> [Records to process]
☆ ☆ ☆ ☆ ☆ ☆ ☆

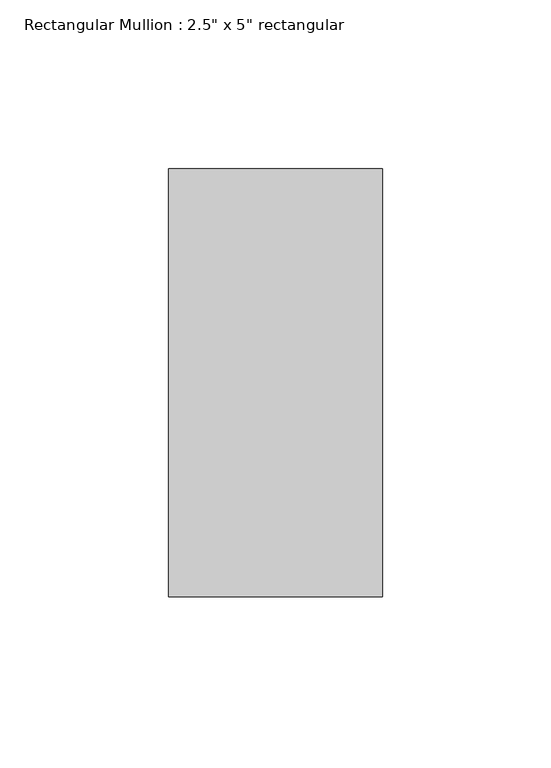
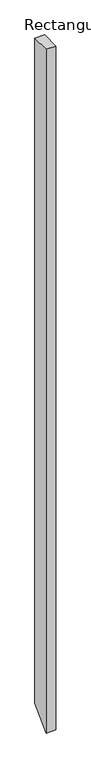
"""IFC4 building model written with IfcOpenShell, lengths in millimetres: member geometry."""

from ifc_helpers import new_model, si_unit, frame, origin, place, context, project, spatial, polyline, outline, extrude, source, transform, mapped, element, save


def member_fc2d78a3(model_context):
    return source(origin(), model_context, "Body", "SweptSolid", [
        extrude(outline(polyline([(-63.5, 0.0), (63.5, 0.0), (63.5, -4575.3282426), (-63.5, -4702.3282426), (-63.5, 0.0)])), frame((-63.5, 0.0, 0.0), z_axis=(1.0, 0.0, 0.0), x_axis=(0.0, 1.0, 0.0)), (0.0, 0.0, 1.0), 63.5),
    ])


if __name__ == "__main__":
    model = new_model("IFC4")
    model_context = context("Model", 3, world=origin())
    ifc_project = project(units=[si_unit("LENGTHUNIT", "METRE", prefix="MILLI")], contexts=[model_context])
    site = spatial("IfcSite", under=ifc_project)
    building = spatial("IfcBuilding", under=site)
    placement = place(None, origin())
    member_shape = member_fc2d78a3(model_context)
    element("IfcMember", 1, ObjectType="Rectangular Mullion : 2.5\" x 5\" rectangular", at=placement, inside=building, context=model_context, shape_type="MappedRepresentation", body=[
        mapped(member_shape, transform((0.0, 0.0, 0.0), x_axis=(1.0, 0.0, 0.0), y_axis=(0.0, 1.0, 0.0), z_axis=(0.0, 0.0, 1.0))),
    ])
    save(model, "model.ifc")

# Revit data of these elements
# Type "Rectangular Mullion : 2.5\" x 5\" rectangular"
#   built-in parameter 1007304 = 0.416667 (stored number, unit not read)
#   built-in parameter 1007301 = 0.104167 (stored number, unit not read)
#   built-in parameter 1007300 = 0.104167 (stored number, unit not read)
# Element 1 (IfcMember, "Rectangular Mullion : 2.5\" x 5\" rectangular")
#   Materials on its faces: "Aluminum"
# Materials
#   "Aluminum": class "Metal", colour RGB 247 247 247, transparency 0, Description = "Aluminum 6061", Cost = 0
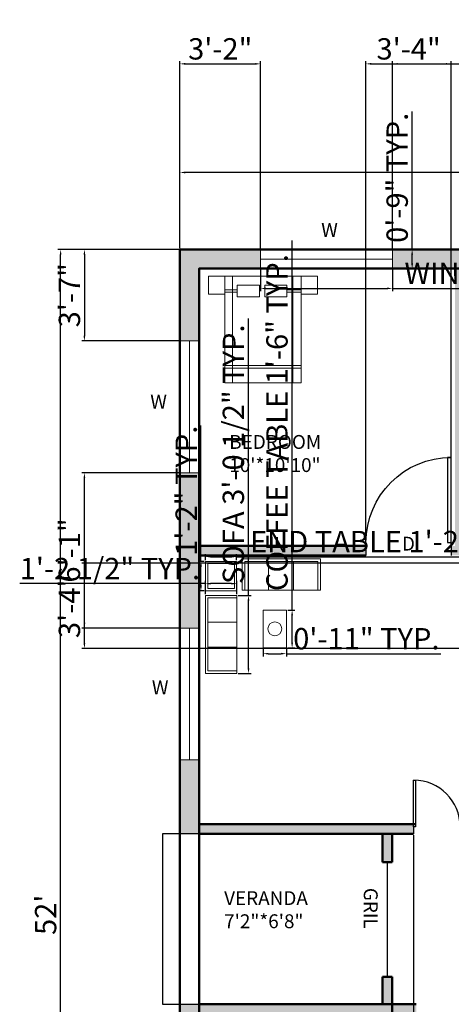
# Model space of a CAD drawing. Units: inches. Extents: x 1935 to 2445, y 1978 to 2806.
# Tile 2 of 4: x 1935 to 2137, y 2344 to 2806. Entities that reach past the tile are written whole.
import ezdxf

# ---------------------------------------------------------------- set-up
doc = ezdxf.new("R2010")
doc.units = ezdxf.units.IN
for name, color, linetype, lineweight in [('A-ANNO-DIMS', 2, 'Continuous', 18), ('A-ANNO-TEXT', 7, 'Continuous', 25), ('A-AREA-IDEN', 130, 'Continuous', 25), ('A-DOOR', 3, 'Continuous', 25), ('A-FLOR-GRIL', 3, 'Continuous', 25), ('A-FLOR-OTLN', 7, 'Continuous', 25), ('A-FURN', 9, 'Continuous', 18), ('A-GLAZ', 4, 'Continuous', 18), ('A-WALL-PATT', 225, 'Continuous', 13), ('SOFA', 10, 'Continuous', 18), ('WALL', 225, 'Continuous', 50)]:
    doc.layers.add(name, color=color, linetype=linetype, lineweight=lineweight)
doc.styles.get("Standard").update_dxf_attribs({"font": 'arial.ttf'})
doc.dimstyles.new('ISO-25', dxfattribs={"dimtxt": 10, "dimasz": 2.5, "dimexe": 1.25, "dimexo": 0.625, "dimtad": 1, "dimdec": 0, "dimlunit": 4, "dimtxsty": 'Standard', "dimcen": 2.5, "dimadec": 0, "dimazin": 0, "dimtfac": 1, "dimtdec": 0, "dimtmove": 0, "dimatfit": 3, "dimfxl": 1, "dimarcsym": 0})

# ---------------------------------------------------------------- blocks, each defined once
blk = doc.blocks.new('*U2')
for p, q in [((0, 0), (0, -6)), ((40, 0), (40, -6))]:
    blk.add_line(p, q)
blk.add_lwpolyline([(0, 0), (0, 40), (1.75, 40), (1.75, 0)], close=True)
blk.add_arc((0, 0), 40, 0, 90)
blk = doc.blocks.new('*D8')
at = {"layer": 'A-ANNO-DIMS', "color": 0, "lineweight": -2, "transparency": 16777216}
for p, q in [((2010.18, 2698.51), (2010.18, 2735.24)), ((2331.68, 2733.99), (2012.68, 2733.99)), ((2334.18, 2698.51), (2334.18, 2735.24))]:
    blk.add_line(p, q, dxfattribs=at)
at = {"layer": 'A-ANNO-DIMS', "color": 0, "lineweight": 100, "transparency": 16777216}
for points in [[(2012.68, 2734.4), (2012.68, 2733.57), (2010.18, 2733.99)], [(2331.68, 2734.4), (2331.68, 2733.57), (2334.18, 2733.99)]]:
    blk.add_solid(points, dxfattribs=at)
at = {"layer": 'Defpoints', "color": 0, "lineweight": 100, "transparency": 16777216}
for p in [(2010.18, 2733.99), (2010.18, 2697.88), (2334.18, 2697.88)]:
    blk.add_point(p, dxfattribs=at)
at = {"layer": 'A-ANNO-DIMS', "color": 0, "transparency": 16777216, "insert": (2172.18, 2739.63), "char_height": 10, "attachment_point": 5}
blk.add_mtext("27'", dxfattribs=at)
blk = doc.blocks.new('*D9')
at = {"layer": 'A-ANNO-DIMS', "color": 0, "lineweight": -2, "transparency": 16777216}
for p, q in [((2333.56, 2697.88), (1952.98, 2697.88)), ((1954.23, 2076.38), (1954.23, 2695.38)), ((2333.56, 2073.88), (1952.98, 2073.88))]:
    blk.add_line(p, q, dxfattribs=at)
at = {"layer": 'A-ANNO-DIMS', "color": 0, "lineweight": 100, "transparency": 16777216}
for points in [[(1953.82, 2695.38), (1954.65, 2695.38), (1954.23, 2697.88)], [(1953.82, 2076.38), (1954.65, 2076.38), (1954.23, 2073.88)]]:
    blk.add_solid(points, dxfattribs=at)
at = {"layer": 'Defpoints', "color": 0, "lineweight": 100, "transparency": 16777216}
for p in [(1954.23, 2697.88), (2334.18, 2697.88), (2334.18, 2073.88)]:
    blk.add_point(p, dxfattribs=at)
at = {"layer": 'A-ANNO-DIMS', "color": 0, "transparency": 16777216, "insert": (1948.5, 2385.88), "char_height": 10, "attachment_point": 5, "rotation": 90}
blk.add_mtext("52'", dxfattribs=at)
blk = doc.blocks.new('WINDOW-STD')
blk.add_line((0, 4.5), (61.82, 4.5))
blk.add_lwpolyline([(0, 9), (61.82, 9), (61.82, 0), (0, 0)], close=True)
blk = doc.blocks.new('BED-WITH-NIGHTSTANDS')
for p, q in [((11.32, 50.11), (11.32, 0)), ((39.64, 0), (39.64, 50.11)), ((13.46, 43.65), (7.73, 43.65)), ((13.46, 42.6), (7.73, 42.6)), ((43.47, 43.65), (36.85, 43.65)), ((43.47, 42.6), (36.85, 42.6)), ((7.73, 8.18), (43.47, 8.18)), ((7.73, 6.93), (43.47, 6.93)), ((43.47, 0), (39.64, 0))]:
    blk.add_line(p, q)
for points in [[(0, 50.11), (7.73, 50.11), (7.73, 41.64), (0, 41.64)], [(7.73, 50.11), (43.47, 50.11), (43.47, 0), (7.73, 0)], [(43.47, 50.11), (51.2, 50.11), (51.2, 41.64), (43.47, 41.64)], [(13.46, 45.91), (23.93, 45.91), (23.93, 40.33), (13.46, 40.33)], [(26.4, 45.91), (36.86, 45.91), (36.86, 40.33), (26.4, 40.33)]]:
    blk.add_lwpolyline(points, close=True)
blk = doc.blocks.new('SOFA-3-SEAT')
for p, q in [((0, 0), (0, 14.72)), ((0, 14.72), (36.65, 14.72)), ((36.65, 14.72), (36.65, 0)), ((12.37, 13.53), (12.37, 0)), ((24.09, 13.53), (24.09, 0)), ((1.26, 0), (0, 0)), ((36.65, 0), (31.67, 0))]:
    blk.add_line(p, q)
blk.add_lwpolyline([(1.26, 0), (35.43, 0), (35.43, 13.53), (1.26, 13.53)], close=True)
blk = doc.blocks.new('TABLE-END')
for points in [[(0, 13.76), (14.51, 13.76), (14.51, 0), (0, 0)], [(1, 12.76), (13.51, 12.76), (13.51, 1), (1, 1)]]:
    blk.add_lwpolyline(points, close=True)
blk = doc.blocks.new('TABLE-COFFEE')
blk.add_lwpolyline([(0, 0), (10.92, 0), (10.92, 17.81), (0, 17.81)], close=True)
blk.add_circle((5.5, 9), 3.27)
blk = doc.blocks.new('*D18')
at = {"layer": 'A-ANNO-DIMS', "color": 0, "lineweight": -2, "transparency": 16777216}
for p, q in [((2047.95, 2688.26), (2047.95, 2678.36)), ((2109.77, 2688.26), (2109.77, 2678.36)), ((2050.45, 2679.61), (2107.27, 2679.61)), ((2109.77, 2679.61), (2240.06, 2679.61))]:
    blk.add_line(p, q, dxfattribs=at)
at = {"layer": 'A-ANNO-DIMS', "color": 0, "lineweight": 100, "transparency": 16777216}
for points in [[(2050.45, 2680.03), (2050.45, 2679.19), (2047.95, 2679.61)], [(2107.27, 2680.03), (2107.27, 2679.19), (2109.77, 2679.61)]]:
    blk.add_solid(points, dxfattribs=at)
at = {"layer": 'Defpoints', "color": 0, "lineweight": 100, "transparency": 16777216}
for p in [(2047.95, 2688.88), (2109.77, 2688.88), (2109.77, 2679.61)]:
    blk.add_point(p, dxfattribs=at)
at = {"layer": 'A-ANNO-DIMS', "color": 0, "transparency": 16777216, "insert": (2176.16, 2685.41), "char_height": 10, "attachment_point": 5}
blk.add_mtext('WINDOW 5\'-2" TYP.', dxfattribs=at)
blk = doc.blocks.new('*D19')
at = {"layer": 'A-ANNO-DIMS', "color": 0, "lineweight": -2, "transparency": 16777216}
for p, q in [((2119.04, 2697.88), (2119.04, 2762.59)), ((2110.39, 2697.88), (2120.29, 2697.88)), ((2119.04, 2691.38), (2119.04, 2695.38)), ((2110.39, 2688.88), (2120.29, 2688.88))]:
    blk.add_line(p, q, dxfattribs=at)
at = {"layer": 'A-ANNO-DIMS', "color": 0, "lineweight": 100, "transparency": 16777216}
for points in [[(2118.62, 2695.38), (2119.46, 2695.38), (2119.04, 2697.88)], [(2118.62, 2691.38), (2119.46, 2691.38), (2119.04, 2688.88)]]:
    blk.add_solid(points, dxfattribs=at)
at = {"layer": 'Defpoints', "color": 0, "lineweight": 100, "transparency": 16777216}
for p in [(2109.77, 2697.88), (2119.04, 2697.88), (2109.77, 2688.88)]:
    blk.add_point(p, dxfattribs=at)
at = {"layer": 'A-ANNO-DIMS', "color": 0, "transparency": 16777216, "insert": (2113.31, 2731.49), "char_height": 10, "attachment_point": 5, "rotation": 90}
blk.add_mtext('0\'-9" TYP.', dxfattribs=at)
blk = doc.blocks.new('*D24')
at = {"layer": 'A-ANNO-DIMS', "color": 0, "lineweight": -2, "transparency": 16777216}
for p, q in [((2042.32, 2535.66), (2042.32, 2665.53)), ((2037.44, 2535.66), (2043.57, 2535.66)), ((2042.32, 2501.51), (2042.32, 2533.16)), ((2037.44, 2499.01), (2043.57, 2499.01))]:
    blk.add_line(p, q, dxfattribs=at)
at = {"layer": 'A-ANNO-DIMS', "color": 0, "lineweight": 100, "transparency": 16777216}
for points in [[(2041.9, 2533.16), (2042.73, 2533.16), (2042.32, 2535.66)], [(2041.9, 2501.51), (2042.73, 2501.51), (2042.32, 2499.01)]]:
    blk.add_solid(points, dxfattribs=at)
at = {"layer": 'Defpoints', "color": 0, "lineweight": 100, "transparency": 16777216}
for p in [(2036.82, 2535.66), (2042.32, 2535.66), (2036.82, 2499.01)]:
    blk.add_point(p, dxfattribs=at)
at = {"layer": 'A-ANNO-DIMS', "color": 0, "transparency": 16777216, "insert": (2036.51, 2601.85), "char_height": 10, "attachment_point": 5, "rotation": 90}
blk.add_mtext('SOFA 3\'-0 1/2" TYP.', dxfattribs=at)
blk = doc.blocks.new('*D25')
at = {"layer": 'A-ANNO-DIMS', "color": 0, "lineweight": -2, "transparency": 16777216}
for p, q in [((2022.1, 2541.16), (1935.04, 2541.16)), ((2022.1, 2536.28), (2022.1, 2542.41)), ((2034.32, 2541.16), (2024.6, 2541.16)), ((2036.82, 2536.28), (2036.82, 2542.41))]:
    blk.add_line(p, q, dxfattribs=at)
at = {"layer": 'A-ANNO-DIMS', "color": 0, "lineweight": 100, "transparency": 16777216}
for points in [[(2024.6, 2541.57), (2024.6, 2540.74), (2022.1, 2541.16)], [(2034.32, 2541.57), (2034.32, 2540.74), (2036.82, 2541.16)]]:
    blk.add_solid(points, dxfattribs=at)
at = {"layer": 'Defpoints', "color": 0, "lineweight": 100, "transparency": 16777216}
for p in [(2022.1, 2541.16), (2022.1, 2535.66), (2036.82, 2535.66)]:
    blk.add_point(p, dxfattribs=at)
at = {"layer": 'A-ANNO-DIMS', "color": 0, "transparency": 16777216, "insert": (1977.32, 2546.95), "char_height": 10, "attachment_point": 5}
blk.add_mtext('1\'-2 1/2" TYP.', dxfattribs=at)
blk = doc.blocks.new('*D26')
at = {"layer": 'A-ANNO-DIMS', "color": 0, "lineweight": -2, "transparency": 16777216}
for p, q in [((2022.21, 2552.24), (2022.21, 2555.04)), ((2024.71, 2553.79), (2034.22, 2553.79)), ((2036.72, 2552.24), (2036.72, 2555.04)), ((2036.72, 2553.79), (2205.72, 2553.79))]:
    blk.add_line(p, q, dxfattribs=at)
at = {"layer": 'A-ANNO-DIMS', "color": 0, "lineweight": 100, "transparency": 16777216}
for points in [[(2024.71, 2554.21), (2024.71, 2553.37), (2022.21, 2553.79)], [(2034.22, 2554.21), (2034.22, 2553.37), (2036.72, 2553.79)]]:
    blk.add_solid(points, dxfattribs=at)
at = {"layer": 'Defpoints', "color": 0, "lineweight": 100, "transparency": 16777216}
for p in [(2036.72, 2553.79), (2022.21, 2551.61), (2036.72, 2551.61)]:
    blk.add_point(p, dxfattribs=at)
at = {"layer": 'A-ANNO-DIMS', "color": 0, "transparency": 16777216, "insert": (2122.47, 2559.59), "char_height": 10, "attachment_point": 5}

☆ ☆ ☆ ☆ ☆ ☆ ☆

If a line in the entries above contains the word "rotation", count it, and give only the final number.

3